■ **TASK**
Among the lines below, take the one holding "p3 = place(p2, frame((0.0, 0.0, 172.5)))", the one holding "18.6, 0.0), z_axis=(0.0, 0.0, 1.0), x_axis=(1.0, 0.0, 0.0)))", and all lines between them. Set them down exactly.

■ **DATA EXTRACTS**
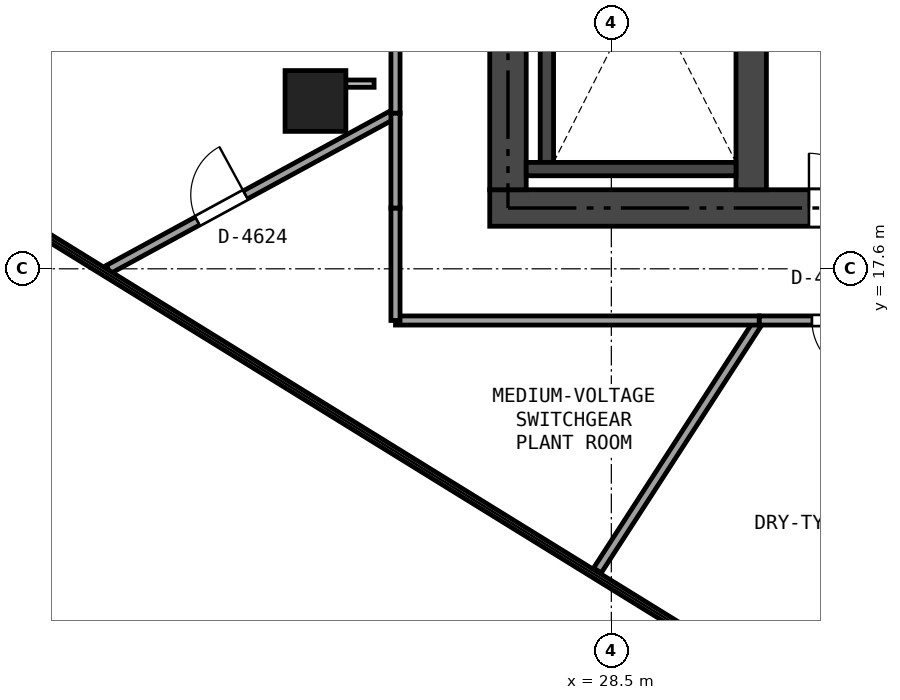
"""IFC4 building model, lengths in metres.
Left out: names, types, materials, properties, quantities, classifications, styles, units other than length and angle.
Written with IfcOpenShell. Run it as: python <this file> out.ifc"""

import sys

from ifc_helpers import new_model, si_unit, direction, frame, frame_2d, origin, origin_2d, place, context, subcontext, project, spatial, rectangle, extrude, element, fill, save


model = new_model("IFC4")
c1 = context("Model", 3, precision=1e-05, world=origin(), true_north=direction((0.0, 1.0)))
c2 = subcontext(c1, "Body", "Model", "MODEL_VIEW")
j1 = project(units=[si_unit("LENGTHUNIT", "METRE"), si_unit("PLANEANGLEUNIT", "RADIAN")], contexts=[c1])
p1 = place(None, origin())
s1 = spatial("IfcSite", under=j1, at=p1, CompositionType="ELEMENT")
p2 = place(p1, origin())
s2 = spatial("IfcBuilding", under=s1, at=p2, CompositionType="ELEMENT")
p3 = place(p2, frame((0.0, 0.0, 172.5)))
s3 = spatial("IfcBuildingStorey", under=s2, at=p3, CompositionType="ELEMENT", Elevation=172.5)
p4 = place(p3, frame((26.5, 18.6, 0.0), z_axis=(0.0, 0.0, 1.0), x_axis=(1.0, 0.0, 0.0)))
e1 = element("IfcWall", 1, at=p4, inside=s3, PredefinedType="SHEAR", context=c2, shape_type="SweptSolid", body=[
    extrude(rectangle(XDim=21.4, YDim=0.6, at=frame_2d((10.7, 0.0))), origin(), (0.0, 0.0, 1.0), 4.08),
])
p5 = place(p4, frame((12.425, 0.0, 0.0)))
e2 = element("IfcOpeningElement", 2, at=p5, cuts=e1, PredefinedType="OPENING", context=c2, shape_type="SweptSolid", body=[
    extrude(rectangle(XDim=1.15, YDim=2.15, at=frame_2d((0.575, 1.075))), frame((0.0, 0.31, 0.0), z_axis=(0.0, -1.0, 0.0), x_axis=(1.0, 0.0, 0.0)), (0.0, 0.0, 1.0), 0.62),
])
p6 = place(p4, frame((5.25, 0.0, 0.0)))
e3 = element("IfcOpeningElement", 3, at=p6, cuts=e1, PredefinedType="OPENING", context=c2, shape_type="SweptSolid", body=[
    extrude(rectangle(XDim=0.9, YDim=2.1, at=frame_2d((0.45, 1.05))), frame((0.0, 0.31, 0.0), z_axis=(0.0, -1.0, 0.0), x_axis=(1.0, 0.0, 0.0)), (0.0, 0.0, 1.0), 0.62),
])
p7 = place(p3, frame((26.8, 18.9, 0.0), z_axis=(0.0, 0.0, 1.0), x_axis=(0.0, 1.0, 0.0)))
e4 = element("IfcWall", 4, at=p7, inside=s3, PredefinedType="SHEAR", context=c2, shape_type="SweptSolid", body=[
    extrude(rectangle(XDim=15.0, YDim=0.6, at=frame_2d((7.5, 0.0))), origin(), (0.0, 0.0, 1.0), 4.08),
])
p8 = place(p7, frame((4.6, 0.0, 0.02)))
e5 = element("IfcOpeningElement", 5, at=p8, cuts=e4, PredefinedType="OPENING", context=c2, shape_type="SweptSolid", body=[
    extrude(rectangle(XDim=0.9, YDim=2.02, at=frame_2d((0.45, 1.01))), frame((0.0, 0.31, 0.0), z_axis=(0.0, -1.0, 0.0), x_axis=(1.0, 0.0, 0.0)), (0.0, 0.0, 1.0), 0.62),
])
p9 = place(p3, frame((30.8, 18.9, 0.0), z_axis=(0.0, 0.0, 1.0), x_axis=(0.0, 1.0, 0.0)))
e6 = element("IfcWall", 6, at=p9, inside=s3, PredefinedType="SHEAR", context=c2, shape_type="SweptSolid", body=[
    extrude(rectangle(XDim=15.0, YDim=0.5, at=frame_2d((7.5, 0.0))), origin(), (0.0, 0.0, 1.0), 4.08),
])
p10 = place(p9, frame((6.6, 0.0, 0.0)))
e7 = element("IfcOpeningElement", 7, at=p10, cuts=e6, PredefinedType="OPENING", context=c2, shape_type="SweptSolid", body=[
    extrude(rectangle(XDim=1.1, YDim=2.15, at=frame_2d((0.55, 1.075))), frame((0.0, 0.26, 0.0), z_axis=(0.0, -1.0, 0.0), x_axis=(1.0, 0.0, 0.0)), (0.0, 0.0, 1.0), 0.52),
])
p11 = place(p9, frame((8.4, 0.0, 0.0)))
e8 = element("IfcOpeningElement", 8, at=p11, cuts=e6, PredefinedType="OPENING", context=c2, shape_type="SweptSolid", body=[
    extrude(rectangle(XDim=0.9, YDim=2.1, at=frame_2d((0.45, 1.05))), frame((0.0, 0.26, 0.0), z_axis=(0.0, -1.0, 0.0), x_axis=(1.0, 0.0, 0.0)), (0.0, 0.0, 1.0), 0.52),
])
p12 = place(p3, frame((27.44, 19.35, 0.0), z_axis=(0.0, 0.0, 1.0), x_axis=(0.0, 1.0, 0.0)))
e9 = element("IfcWall", 9, at=p12, inside=s3, PredefinedType="SHEAR", context=c2, shape_type="SweptSolid", body=[
    extrude(rectangle(XDim=7.4, YDim=0.22, at=frame_2d((3.7, 0.0))), origin(), (0.0, 0.0, 1.0), 4.08),
])
p13 = place(p3, frame((27.1, 19.24, 0.0), z_axis=(0.0, 0.0, 1.0), x_axis=(1.0, 0.0, 0.0)))
e10 = element("IfcWall", 10, at=p13, inside=s3, PredefinedType="SHEAR", context=c2, shape_type="SweptSolid", body=[
    extrude(rectangle(XDim=3.45, YDim=0.22, at=frame_2d((1.725, 0.0))), origin(), (0.0, 0.0, 1.0), 4.08),
])
p14 = place(p3, frame((23.634, 20.36, 0.0), z_axis=(0.0, 0.0, 1.0), x_axis=(1.0, 0.0, 0.0)))
e11 = element("IfcColumn", 11, at=p14, inside=s3, PredefinedType="COLUMN", context=c2, shape_type="SweptSolid", body=[
    extrude(rectangle(XDim=1.0, YDim=1.0, at=origin_2d()), origin(), (0.0, 0.0, 1.0), 4.08),
])
p15 = place(p3, frame((20.228, 17.589, 0.0), z_axis=(0.0, 0.0, 1.0), x_axis=(0.878422694628, 0.47788447303, 0.0)))
e12 = element("IfcWall", 12, at=p15, inside=s3, PredefinedType="PARTITIONING", context=c2, shape_type="SweptSolid", body=[
    extrude(rectangle(XDim=5.375, YDim=0.15, at=frame_2d((2.688, 0.0))), origin(), (0.0, 0.0, 1.0), 3.565),
])
p16 = place(p15, frame((1.667, 0.0, 0.0)))
e13 = element("IfcOpeningElement", 13, at=p16, cuts=e12, PredefinedType="OPENING", context=c2, shape_type="SweptSolid", body=[
    extrude(rectangle(XDim=0.9, YDim=2.0, at=frame_2d((0.45, 1.0))), frame((0.0, 0.085, 0.0), z_axis=(0.0, -1.0, 0.0), x_axis=(1.0, 0.0, 0.0)), (0.0, 0.0, 1.0), 0.17),
])
p17 = place(p3, frame((24.95, 20.158, 0.0), z_axis=(0.0, 0.0, 1.0), x_axis=(0.0, 1.0, 0.0)))
e14 = element("IfcWall", 14, at=p17, inside=s3, PredefinedType="PARTITIONING", context=c2, shape_type="SweptSolid", body=[
    extrude(rectangle(XDim=6.884, YDim=0.15, at=frame_2d((3.442, 0.0))), origin(), (0.0, 0.0, 1.0), 3.065),
])
p18 = place(p17, frame((2.992, 0.0, 0.0)))
e15 = element("IfcOpeningElement", 15, at=p18, cuts=e14, PredefinedType="OPENING", context=c2, shape_type="SweptSolid", body=[
    extrude(rectangle(XDim=0.9, YDim=2.0, at=frame_2d((0.45, 1.0))), frame((0.0, 0.085, 0.0), z_axis=(0.0, -1.0, 0.0), x_axis=(1.0, 0.0, 0.0)), (0.0, 0.0, 1.0), 0.17),
])
p19 = place(p3, frame((28.271, 12.639, 0.0), z_axis=(0.0, 0.0, 1.0), x_axis=(0.543538538902, 0.839384212818, 0.0)))
e16 = element("IfcWall", 16, at=p19, inside=s3, PredefinedType="PARTITIONING", context=c2, shape_type="SweptSolid", body=[
    extrude(rectangle(XDim=4.898, YDim=0.15, at=frame_2d((2.449, 0.0))), origin(), (0.0, 0.0, 1.0), 3.565),
])
p20 = place(p3, frame((30.933, 16.75, 0.0), z_axis=(0.0, 0.0, 1.0), x_axis=(-1.0, 0.0, 0.0)))
e17 = element("IfcWall", 17, at=p20, inside=s3, PredefinedType="PARTITIONING", context=c2, shape_type="SweptSolid", body=[
    extrude(rectangle(XDim=5.983, YDim=0.15, at=frame_2d((2.992, 0.0))), origin(), (0.0, 0.0, 1.0), 3.565),
])
p21 = place(p3, frame((24.95, 16.75, 0.0), z_axis=(0.0, 0.0, 1.0), x_axis=(0.0, 1.0, 0.0)))
e18 = element("IfcWall", 18, at=p21, inside=s3, PredefinedType="PARTITIONING", context=c2, shape_type="SweptSolid", body=[
    extrude(rectangle(XDim=1.85, YDim=0.15, at=frame_2d((0.925, 0.0))), origin(), (0.0, 0.0, 1.0), 4.08),
])
p22 = place(p3, frame((24.95, 18.6, 0.0), z_axis=(0.0, 0.0, 1.0), x_axis=(0.0, 1.0, 0.0)))
e19 = element("IfcWall", 19, at=p22, inside=s3, PredefinedType="PARTITIONING", context=c2, shape_type="SweptSolid", body=[
    extrude(rectangle(XDim=1.558, YDim=0.15, at=frame_2d((0.779, 0.0))), origin(), (0.0, 0.0, 1.0), 3.565),
])
p23 = place(p3, frame((36.694, 16.75, 0.0), z_axis=(0.0, 0.0, 1.0), x_axis=(-1.0, 0.0, 0.0)))
e20 = element("IfcWall", 20, at=p23, inside=s3, PredefinedType="PARTITIONING", context=c2, shape_type="SweptSolid", body=[
    extrude(rectangle(XDim=5.761, YDim=0.15, at=frame_2d((2.88, 0.0))), origin(), (0.0, 0.0, 1.0), 3.065),
])
p24 = place(p23, frame((3.995, 0.0, 0.0)))
e21 = element("IfcOpeningElement", 21, at=p24, cuts=e20, PredefinedType="OPENING", context=c2, shape_type="SweptSolid", body=[
    extrude(rectangle(XDim=0.9, YDim=2.0, at=frame_2d((0.45, 1.0))), frame((0.0, 0.085, 0.0), z_axis=(0.0, -1.0, 0.0), x_axis=(1.0, 0.0, 0.0)), (0.0, 0.0, 1.0), 0.17),
])
p25 = place(p6, origin())
e22 = element("IfcDoor", 22, at=p25, inside=s3, OperationType="SINGLE_SWING_LEFT", PredefinedType="DOOR", context=c2, shape_type="SweptSolid", body=[
    extrude(rectangle(XDim=0.9, YDim=2.1, at=frame_2d((0.45, 1.05))), frame((0.0, 0.025, 0.0), z_axis=(0.0, -1.0, 0.0), x_axis=(1.0, 0.0, 0.0)), (0.0, 0.0, 1.0), 0.05),
])
fill(e3, e22)
p26 = place(p16, origin())
e23 = element("IfcDoor", 23, at=p26, inside=s3, OperationType="SINGLE_SWING_RIGHT", PredefinedType="DOOR", context=c2, shape_type="SweptSolid", body=[
    extrude(rectangle(XDim=0.9, YDim=2.0, at=frame_2d((0.45, 1.0))), frame((0.0, 0.025, 0.0), z_axis=(0.0, -1.0, 0.0), x_axis=(1.0, 0.0, 0.0)), (0.0, 0.0, 1.0), 0.05),
])
fill(e13, e23)
p27 = place(p24, origin())
e24 = element("IfcDoor", 24, at=p27, inside=s3, OperationType="SINGLE_SWING_LEFT", PredefinedType="DOOR", context=c2, shape_type="SweptSolid", body=[
    extrude(rectangle(XDim=0.9, YDim=2.0, at=frame_2d((0.45, 1.0))), frame((0.0, 0.025, 0.0), z_axis=(0.0, -1.0, 0.0), x_axis=(1.0, 0.0, 0.0)), (0.0, 0.0, 1.0), 0.05),
])
fill(e21, e24)
save(model, sys.argv[1])

■ **YOUR RESPONSE**
p3 = place(p2, frame((0.0, 0.0, 172.5)))
s3 = spatial("IfcBuildingStorey", under=s2, at=p3, CompositionType="ELEMENT", Elevation=172.5)
p4 = place(p3, frame((26.5, 18.6, 0.0), z_axis=(0.0, 0.0, 1.0), x_axis=(1.0, 0.0, 0.0)))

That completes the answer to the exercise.